(Saved entries)
--------
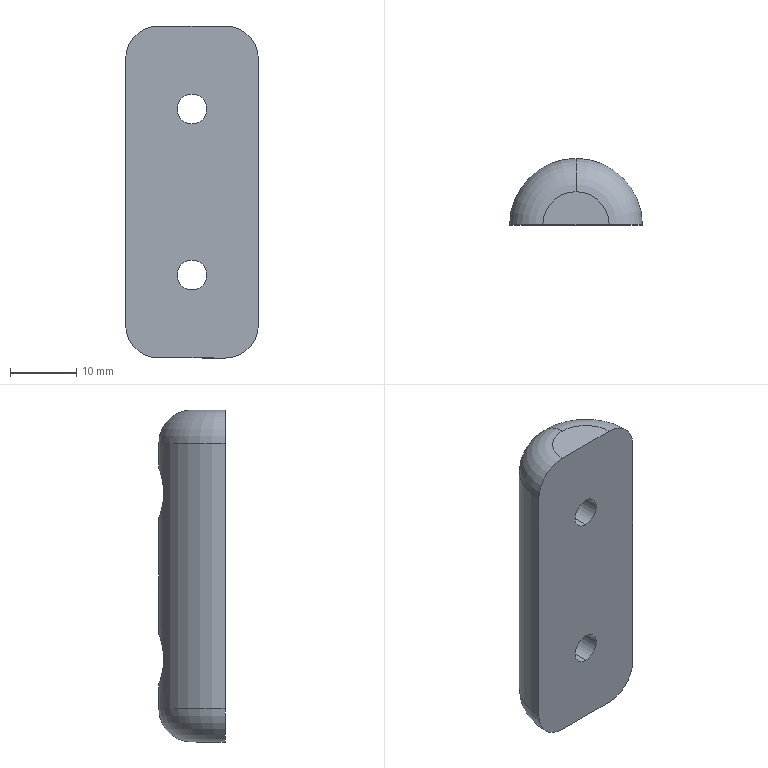Component | SolidWorks | DZ.KX.203-TC1505-30-09-01-05-32-3 | 1 solid | 19 faces | box 20 x 10 x 50 mm | volume 6913 mm3 | cylinder 10 | plane 5 | torus 4 | commonest cylinder face diameters 4.5 x4 7.5 x4 20 x2
build123d program:
from build123d import *

# Parameters (mm, degrees)
BOSS_EXTRUDE1_DEPTH                               = 50
HOLE_SIZE_ACCORDING_TO_HEXAGON_SOCKET_D           = 4.5
HOLE_SIZE_ACCORDING_TO_HEXAGON_SOCKET_CBORE_D     = 7.5
HOLE_SIZE_ACCORDING_TO_HEXAGON_SOCKET_CBORE_DEPTH = 6
FILLET1_R                                         = 5


with BuildPart() as part:
    # Sketch1 → Boss-Extrude1 (new body)
    with BuildSketch(Plane(origin=(0, 0, 0), x_dir=(0, 0, -1), z_dir=(1, 0, 0))):
        with BuildLine():
            Line((0, 10), (0, -10))
            ThreePointArc((0, -10), (-10, 0), (0, 10))
        make_face()
    extrude(amount=BOSS_EXTRUDE1_DEPTH)

    # Hole Size _according to_ Hexagon Socket (through all)
    with Locations(Plane(origin=(10, 0, 10), x_dir=(-1, 0, 0), z_dir=(0, 0, 1))):
        with Locations((-2.5, 0), (-27.5, 0)):
            CounterBoreHole(HOLE_SIZE_ACCORDING_TO_HEXAGON_SOCKET_D / 2, HOLE_SIZE_ACCORDING_TO_HEXAGON_SOCKET_CBORE_D / 2, HOLE_SIZE_ACCORDING_TO_HEXAGON_SOCKET_CBORE_DEPTH)

    # Fillet1
    fillet1_edges = [part.edges().sort_by_distance(p)[0] for p in [
        (0, 0, 10),
        (50, 0, 10),
    ]]
    fillet(fillet1_edges, radius=FILLET1_R)


solid = part.part

# Placed as in the assembly
solid = solid.moved(Location((248.5, -528.807, 17.16), (-90, 0, 90)))
STEP:
#1=COLOUR_RGB('',0.7922,0.8196,0.9333);
#2=FILL_AREA_STYLE_COLOUR('',#1);
#3=FILL_AREA_STYLE('',(#2));
#4=SURFACE_STYLE_FILL_AREA(#3);
#5=SURFACE_SIDE_STYLE('',(#4));
#6=SURFACE_STYLE_USAGE(.BOTH.,#5);
#7=PRESENTATION_STYLE_ASSIGNMENT((#6));
#8=CARTESIAN_POINT('',(9.783,-20.425,-1.096));
#9=VERTEX_POINT('',#8);
#10=CARTESIAN_POINT('',(9.39,-20.819,-1.096));
#11=VERTEX_POINT('',#10);
#12=CARTESIAN_POINT('',(9.783,-20.819,-1.096));
#13=DIRECTION('',(0.,0.,1.));
#14=DIRECTION('',(-0.,-1.,0.));
#15=AXIS2_PLACEMENT_3D('',#12,#13,#14);
#16=CIRCLE('',#15,0.3937);
#17=EDGE_CURVE('',#9,#11,#16,.T.);
#18=ORIENTED_EDGE('',*,*,#17,.F.);
#19=CARTESIAN_POINT('',(9.783,-20.622,-1.293));
#20=VERTEX_POINT('',#19);
#21=CARTESIAN_POINT('',(9.783,-20.622,-1.096));
#22=DIRECTION('',(-1.,0.,0.));
#23=DIRECTION('',(-0.,-1.,0.));
#24=AXIS2_PLACEMENT_3D('',#21,#22,#23);
#25=CIRCLE('',#24,0.1969);
#26=EDGE_CURVE('',#9,#20,#25,.T.);
#27=ORIENTED_EDGE('',*,*,#26,.T.);
#28=CARTESIAN_POINT('',(9.587,-20.819,-1.293));
#29=VERTEX_POINT('',#28);
#30=CARTESIAN_POINT('',(9.783,-20.819,-1.293));
#31=DIRECTION('',(-0.,-0.,-1.));
#32=DIRECTION('',(-0.,-1.,0.));
#33=AXIS2_PLACEMENT_3D('',#30,#31,#32);
#34=CIRCLE('',#33,0.1969);
#35=EDGE_CURVE('',#29,#20,#34,.T.);
#36=ORIENTED_EDGE('',*,*,#35,.F.);
#37=CARTESIAN_POINT('',(9.587,-20.819,-1.096));
#38=DIRECTION('',(-0.,-1.,0.));
#39=DIRECTION('',(-0.,0.,-1.));
#40=AXIS2_PLACEMENT_3D('',#37,#38,#39);
#41=CIRCLE('',#40,0.1969);
#42=EDGE_CURVE('',#11,#29,#41,.T.);
#43=ORIENTED_EDGE('',*,*,#42,.F.);
#44=EDGE_LOOP('',(#18,#27,#36,#43));
#45=FACE_OUTER_BOUND('',#44,.T.);
#46=CARTESIAN_POINT('',(9.783,-20.819,-1.096));
#47=DIRECTION('',(-0.,-0.,-1.));
#48=DIRECTION('',(-0.,-1.,0.));
#49=AXIS2_PLACEMENT_3D('',#46,#47,#48);
#50=TOROIDAL_SURFACE('',#49,0.1969,0.1969);
#51=ADVANCED_FACE('',(#45),#50,.T.);
#52=CARTESIAN_POINT('',(9.783,-20.622,0.6756));
#53=VERTEX_POINT('',#52);
#54=CARTESIAN_POINT('',(9.587,-20.819,0.6756));
#55=VERTEX_POINT('',#54);
#56=CARTESIAN_POINT('',(9.783,-20.819,0.6756));
#57=DIRECTION('',(0.,0.,1.));
#58=DIRECTION('',(-0.,-1.,0.));
#59=AXIS2_PLACEMENT_3D('',#56,#57,#58);
#60=CIRCLE('',#59,0.1969);
#61=EDGE_CURVE('',#53,#55,#60,.T.);
#62=ORIENTED_EDGE('',*,*,#61,.F.);
#63=CARTESIAN_POINT('',(9.783,-20.425,0.4787));
#64=VERTEX_POINT('',#63);
#65=CARTESIAN_POINT('',(9.783,-20.622,0.4787));
#66=DIRECTION('',(-1.,0.,0.));
#67=DIRECTION('',(-0.,-1.,0.));
#68=AXIS2_PLACEMENT_3D('',#65,#66,#67);
#69=CIRCLE('',#68,0.1969);
#70=EDGE_CURVE('',#53,#64,#69,.T.);
#71=ORIENTED_EDGE('',*,*,#70,.T.);
#72=CARTESIAN_POINT('',(9.39,-20.819,0.4787));
#73=VERTEX_POINT('',#72);
#74=CARTESIAN_POINT('',(9.783,-20.819,0.4787));
#75=DIRECTION('',(-0.,-0.,-1.));
#76=DIRECTION('',(-0.,-1.,0.));
#77=AXIS2_PLACEMENT_3D('',#74,#75,#76);
#78=CIRCLE('',#77,0.3937);
#79=EDGE_CURVE('',#73,#64,#78,.T.);
#80=ORIENTED_EDGE('',*,*,#79,.F.);
#81=CARTESIAN_POINT('',(9.587,-20.819,0.4787));
#82=DIRECTION('',(-0.,-1.,0.));
#83=DIRECTION('',(0.,0.,-1.));
#84=AXIS2_PLACEMENT_3D('',#81,#82,#83);
#85=CIRCLE('',#84,0.1969);
#86=EDGE_CURVE('',#55,#73,#85,.T.);
#87=ORIENTED_EDGE('',*,*,#86,.F.);
#88=EDGE_LOOP('',(#62,#71,#80,#87));
#89=FACE_OUTER_BOUND('',#88,.T.);
#90=CARTESIAN_POINT('',(9.783,-20.819,0.4787));
#91=DIRECTION('',(-0.,-0.,-1.));
#92=DIRECTION('',(-0.,-1.,0.));
#93=AXIS2_PLACEMENT_3D('',#90,#91,#92);
#94=TOROIDAL_SURFACE('',#93,0.1969,0.1969);
#95=ADVANCED_FACE('',(#89),#94,.T.);
#96=CARTESIAN_POINT('',(9.783,-20.819,0.272));
#97=VERTEX_POINT('',#96);
#98=CARTESIAN_POINT('',(9.783,-20.819,0.09486));
#99=VERTEX_POINT('',#98);
#100=CARTESIAN_POINT('',(9.783,-20.819,0.1834));
#101=DIRECTION('',(0.,1.,-0.));
#102=DIRECTION('',(0.,0.,-1.));
#103=AXIS2_PLACEMENT_3D('',#100,#101,#102);
#104=CIRCLE('',#103,0.08858);
#105=EDGE_CURVE('',#97,#99,#104,.T.);
#106=ORIENTED_EDGE('',*,*,#105,.F.);
#107=CARTESIAN_POINT('',(9.783,-20.662,0.272));
#108=VERTEX_POINT('',#107);
#109=CARTESIAN_POINT('',(9.783,-20.425,0.272));
#110=DIRECTION('',(0.,1.,-0.));
#111=VECTOR('',#110,39.37);
#112=LINE('',#109,#111);
#113=EDGE_CURVE('',#97,#108,#112,.T.);
#114=ORIENTED_EDGE('',*,*,#113,.T.);
#115=CARTESIAN_POINT('',(9.783,-20.662,0.09486));
#116=VERTEX_POINT('',#115);
#117=CARTESIAN_POINT('',(9.783,-20.662,0.1834));
#118=DIRECTION('',(0.,1.,-0.));
#119=DIRECTION('',(0.,0.,-1.));
#120=AXIS2_PLACEMENT_3D('',#117,#118,#119);
#121=CIRCLE('',#120,0.08858);
#122=EDGE_CURVE('',#108,#116,#121,.T.);
#123=ORIENTED_EDGE('',*,*,#122,.T.);
#124=CARTESIAN_POINT('',(9.783,-20.425,0.09486));
#125=DIRECTION('',(0.,1.,-0.));
#126=VECTOR('',#125,39.37);
#127=LINE('',#124,#126);
#128=EDGE_CURVE('',#99,#116,#127,.T.);
#129=ORIENTED_EDGE('',*,*,#128,.F.);
#130=EDGE_LOOP('',(#106,#114,#123,#129));
#131=FACE_OUTER_BOUND('',#130,.T.);
#132=CARTESIAN_POINT('',(9.783,-20.425,0.1834));
#133=DIRECTION('',(0.,1.,-0.));
#134=DIRECTION('',(0.,0.,-1.));
#135=AXIS2_PLACEMENT_3D('',#132,#133,#134);
#136=CYLINDRICAL_SURFACE('',#135,0.08858);
#137=ADVANCED_FACE('',(#131),#136,.F.);
#138=CARTESIAN_POINT('',(9.783,-20.662,0.3311));
#139=VERTEX_POINT('',#138);
#140=CARTESIAN_POINT('',(9.783,-20.662,0.03581));
#141=VERTEX_POINT('',#140);
#142=CARTESIAN_POINT('',(9.783,-20.662,0.1834));
#143=DIRECTION('',(0.,1.,-0.));
#144=DIRECTION('',(0.,0.,-1.));
#145=AXIS2_PLACEMENT_3D('',#142,#143,#144);
#146=CIRCLE('',#145,0.1476);
#147=EDGE_CURVE('',#139,#141,#146,.T.);
#148=ORIENTED_EDGE('',*,*,#147,.F.);
#149=CARTESIAN_POINT('',(9.783,-20.425,0.3311));
#150=VERTEX_POINT('',#149);
#151=CARTESIAN_POINT('',(9.783,-20.425,0.3311));
#152=DIRECTION('',(0.,1.,-0.));
#153=VECTOR('',#152,39.37);
#154=LINE('',#151,#153);
#155=EDGE_CURVE('',#139,#150,#154,.T.);
#156=ORIENTED_EDGE('',*,*,#155,.T.);
#157=CARTESIAN_POINT('',(9.783,-20.425,0.03581));
#158=VERTEX_POINT('',#157);
#159=CARTESIAN_POINT('',(9.783,-20.425,0.03581));
#160=CARTESIAN_POINT('',(9.793,-20.425,0.03581));
#161=CARTESIAN_POINT('',(9.803,-20.426,0.03679));
#162=CARTESIAN_POINT('',(9.822,-20.427,0.04059));
#163=CARTESIAN_POINT('',(9.831,-20.428,0.04348));
#164=CARTESIAN_POINT('',(9.849,-20.431,0.05093));
#165=CARTESIAN_POINT('',(9.858,-20.432,0.05547));
#166=CARTESIAN_POINT('',(9.874,-20.436,0.06619));
#167=CARTESIAN_POINT('',(9.881,-20.438,0.07236));
#168=CARTESIAN_POINT('',(9.895,-20.441,0.08586));
#169=CARTESIAN_POINT('',(9.901,-20.443,0.09325));
#170=CARTESIAN_POINT('',(9.912,-20.447,0.1093));
#171=CARTESIAN_POINT('',(9.916,-20.448,0.1178));
#172=CARTESIAN_POINT('',(9.923,-20.451,0.1355));
#173=CARTESIAN_POINT('',(9.926,-20.452,0.1449));
#174=CARTESIAN_POINT('',(9.93,-20.454,0.164));
#175=CARTESIAN_POINT('',(9.931,-20.454,0.1736));
#176=CARTESIAN_POINT('',(9.931,-20.454,0.1931));
#177=CARTESIAN_POINT('',(9.93,-20.454,0.203));
#178=CARTESIAN_POINT('',(9.926,-20.452,0.222));
#179=CARTESIAN_POINT('',(9.923,-20.451,0.2312));
#180=CARTESIAN_POINT('',(9.916,-20.448,0.2492));
#181=CARTESIAN_POINT('',(9.911,-20.447,0.2577));
#182=CARTESIAN_POINT('',(9.901,-20.443,0.2736));
#183=CARTESIAN_POINT('',(9.895,-20.441,0.2811));
#184=CARTESIAN_POINT('',(9.881,-20.438,0.2947));
#185=CARTESIAN_POINT('',(9.874,-20.436,0.3007));
#186=CARTESIAN_POINT('',(9.858,-20.432,0.3114));
#187=CARTESIAN_POINT('',(9.849,-20.431,0.316));
#188=CARTESIAN_POINT('',(9.831,-20.428,0.3234));
#189=CARTESIAN_POINT('',(9.822,-20.427,0.3263));
#190=CARTESIAN_POINT('',(9.803,-20.426,0.3301));
#191=CARTESIAN_POINT('',(9.793,-20.425,0.3311));
#192=CARTESIAN_POINT('',(9.783,-20.425,0.3311));
#193=B_SPLINE_CURVE_WITH_KNOTS('',3,(#159,#160,#161,#162,#163,#164,#165,#166,#167,#168,#169,#170,#171,#172,#173,#174,#175,#176,#177,#178,#179,#180,#181,#182,#183,#184,#185,#186,#187,#188,#189,#190,#191,#192),.UNSPECIFIED.,.F.,.F.,(4,2,2,2,2,2,2,2,2,2,2,2,2,2,2,2,4),(0.,0.0007396,0.001479,0.002219,0.002958,0.003698,0.004438,0.005177,0.005917,0.006656,0.007396,0.008135,0.008875,0.009615,0.01035,0.01109,0.01183),.UNSPECIFIED.);
#194=EDGE_CURVE('',#158,#150,#193,.T.);
#195=ORIENTED_EDGE('',*,*,#194,.F.);
#196=CARTESIAN_POINT('',(9.783,-20.425,0.03581));
#197=DIRECTION('',(0.,1.,-0.));
#198=VECTOR('',#197,39.37);
#199=LINE('',#196,#198);
#200=EDGE_CURVE('',#141,#158,#199,.T.);
#201=ORIENTED_EDGE('',*,*,#200,.F.);
#202=EDGE_LOOP('',(#148,#156,#195,#201));
#203=FACE_OUTER_BOUND('',#202,.T.);
#204=CARTESIAN_POINT('',(9.783,-20.425,0.1834));
#205=DIRECTION('',(0.,1.,-0.));
#206=DIRECTION('',(0.,0.,-1.));
#207=AXIS2_PLACEMENT_3D('',#204,#205,#206);
#208=CYLINDRICAL_SURFACE('',#207,0.1476);
#209=ADVANCED_FACE('',(#203),#208,.F.);
#210=CARTESIAN_POINT('',(9.783,-20.819,-0.7122));
#211=VERTEX_POINT('',#210);
#212=CARTESIAN_POINT('',(9.783,-20.819,-0.8894));
#213=VERTEX_POINT('',#212);
#214=CARTESIAN_POINT('',(9.783,-20.819,-0.8008));
#215=DIRECTION('',(0.,1.,-0.));
#216=DIRECTION('',(0.,0.,-1.));
#217=AXIS2_PLACEMENT_3D('',#214,#215,#216);
#218=CIRCLE('',#217,0.08858);
#219=EDGE_CURVE('',#211,#213,#218,.T.);
#220=ORIENTED_EDGE('',*,*,#219,.F.);
#221=CARTESIAN_POINT('',(9.783,-20.662,-0.7122));
#222=VERTEX_POINT('',#221);
#223=CARTESIAN_POINT('',(9.783,-20.425,-0.7122));
#224=DIRECTION('',(0.,1.,-0.));
#225=VECTOR('',#224,39.37);
#226=LINE('',#223,#225);
#227=EDGE_CURVE('',#211,#222,#226,.T.);
#228=ORIENTED_EDGE('',*,*,#227,.T.);
#229=CARTESIAN_POINT('',(9.783,-20.662,-0.8894));
#230=VERTEX_POINT('',#229);
#231=CARTESIAN_POINT('',(9.783,-20.662,-0.8008));
#232=DIRECTION('',(0.,1.,-0.));
#233=DIRECTION('',(0.,0.,-1.));
#234=AXIS2_PLACEMENT_3D('',#231,#232,#233);
#235=CIRCLE('',#234,0.08858);
#236=EDGE_CURVE('',#222,#230,#235,.T.);
#237=ORIENTED_EDGE('',*,*,#236,.T.);
#238=CARTESIAN_POINT('',(9.783,-20.425,-0.8894));
#239=DIRECTION('',(0.,1.,-0.));
#240=VECTOR('',#239,39.37);
#241=LINE('',#238,#240);
#242=EDGE_CURVE('',#213,#230,#241,.T.);
#243=ORIENTED_EDGE('',*,*,#242,.F.);
#244=EDGE_LOOP('',(#220,#228,#237,#243));
#245=FACE_OUTER_BOUND('',#244,.T.);
#246=CARTESIAN_POINT('',(9.783,-20.425,-0.8008));
#247=DIRECTION('',(0.,1.,-0.));
#248=DIRECTION('',(0.,0.,-1.));
#249=AXIS2_PLACEMENT_3D('',#246,#247,#248);
#250=CYLINDRICAL_SURFACE('',#249,0.08858);
#251=ADVANCED_FACE('',(#245),#250,.F.);
#252=CARTESIAN_POINT('',(9.783,-20.662,-0.6532));
#253=VERTEX_POINT('',#252);
#254=CARTESIAN_POINT('',(9.783,-20.662,-0.9484));
#255=VERTEX_POINT('',#254);
#256=CARTESIAN_POINT('',(9.783,-20.662,-0.8008));
#257=DIRECTION('',(0.,1.,-0.));
#258=DIRECTION('',(0.,0.,-1.));
#259=AXIS2_PLACEMENT_3D('',#256,#257,#258);
#260=CIRCLE('',#259,0.1476);
#261=EDGE_CURVE('',#253,#255,#260,.T.);
#262=ORIENTED_EDGE('',*,*,#261,.F.);
#263=CARTESIAN_POINT('',(9.783,-20.425,-0.6532));
#264=VERTEX_POINT('',#263);
#265=CARTESIAN_POINT('',(9.783,-20.425,-0.6532));
#266=DIRECTION('',(0.,1.,-0.));
#267=VECTOR('',#266,39.37);
#268=LINE('',#265,#267);
#269=EDGE_CURVE('',#253,#264,#268,.T.);
#270=ORIENTED_EDGE('',*,*,#269,.T.);
#271=CARTESIAN_POINT('',(9.783,-20.425,-0.9484));
#272=VERTEX_POINT('',#271);
#273=CARTESIAN_POINT('',(9.783,-20.425,-0.9484));
#274=CARTESIAN_POINT('',(9.793,-20.425,-0.9484));
#275=CARTESIAN_POINT('',(9.803,-20.426,-0.9475));
#276=CARTESIAN_POINT('',(9.822,-20.427,-0.9437));
#277=CARTESIAN_POINT('',(9.831,-20.428,-0.9408));
#278=CARTESIAN_POINT('',(9.849,-20.431,-0.9333));
#279=CARTESIAN_POINT('',(9.858,-20.432,-0.9288));
#280=CARTESIAN_POINT('',(9.874,-20.436,-0.9181));
#281=CARTESIAN_POINT('',(9.881,-20.438,-0.9119));
#282=CARTESIAN_POINT('',(9.895,-20.441,-0.8984));
#283=CARTESIAN_POINT('',(9.901,-20.443,-0.891));
#284=CARTESIAN_POINT('',(9.912,-20.447,-0.8749));
#285=CARTESIAN_POINT('',(9.916,-20.448,-0.8665));
#286=CARTESIAN_POINT('',(9.923,-20.451,-0.8488));
#287=CARTESIAN_POINT('',(9.926,-20.452,-0.8394));
#288=CARTESIAN_POINT('',(9.93,-20.454,-0.8203));
#289=CARTESIAN_POINT('',(9.931,-20.454,-0.8106));
#290=CARTESIAN_POINT('',(9.931,-20.454,-0.7912));
#291=CARTESIAN_POINT('',(9.93,-20.454,-0.7813));
#292=CARTESIAN_POINT('',(9.926,-20.452,-0.7623));
#293=CARTESIAN_POINT('',(9.923,-20.451,-0.753));
#294=CARTESIAN_POINT('',(9.916,-20.448,-0.735));
#295=CARTESIAN_POINT('',(9.911,-20.447,-0.7265));
#296=CARTESIAN_POINT('',(9.901,-20.443,-0.7106));
#297=CARTESIAN_POINT('',(9.895,-20.441,-0.7031));
#298=CARTESIAN_POINT('',(9.881,-20.438,-0.6896));
#299=CARTESIAN_POINT('',(9.874,-20.436,-0.6835));
#300=CARTESIAN_POINT('',(9.858,-20.432,-0.6728));
#301=CARTESIAN_POINT('',(9.849,-20.431,-0.6682));
#302=CARTESIAN_POINT('',(9.831,-20.428,-0.6608));
#303=CARTESIAN_POINT('',(9.822,-20.427,-0.658));
#304=CARTESIAN_POINT('',(9.803,-20.426,-0.6541));
#305=CARTESIAN_POINT('',(9.793,-20.425,-0.6532));
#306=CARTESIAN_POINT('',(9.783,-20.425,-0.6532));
--------
What the exercise asks: Take the stretch of lines above from the one containing "#287=CARTESIAN_POINT('',(9.926,-20.452,-0.8394));" through the one containing "#300=CARTESIAN_POINT('',(9.858,-20.432,-0.6728));" and repeat it exactly, adding no other line.

The completed task:
#287=CARTESIAN_POINT('',(9.926,-20.452,-0.8394));
#288=CARTESIAN_POINT('',(9.93,-20.454,-0.8203));
#289=CARTESIAN_POINT('',(9.931,-20.454,-0.8106));
#290=CARTESIAN_POINT('',(9.931,-20.454,-0.7912));
#291=CARTESIAN_POINT('',(9.93,-20.454,-0.7813));
#292=CARTESIAN_POINT('',(9.926,-20.452,-0.7623));
#293=CARTESIAN_POINT('',(9.923,-20.451,-0.753));
#294=CARTESIAN_POINT('',(9.916,-20.448,-0.735));
#295=CARTESIAN_POINT('',(9.911,-20.447,-0.7265));
#296=CARTESIAN_POINT('',(9.901,-20.443,-0.7106));
#297=CARTESIAN_POINT('',(9.895,-20.441,-0.7031));
#298=CARTESIAN_POINT('',(9.881,-20.438,-0.6896));
#299=CARTESIAN_POINT('',(9.874,-20.436,-0.6835));
#300=CARTESIAN_POINT('',(9.858,-20.432,-0.6728));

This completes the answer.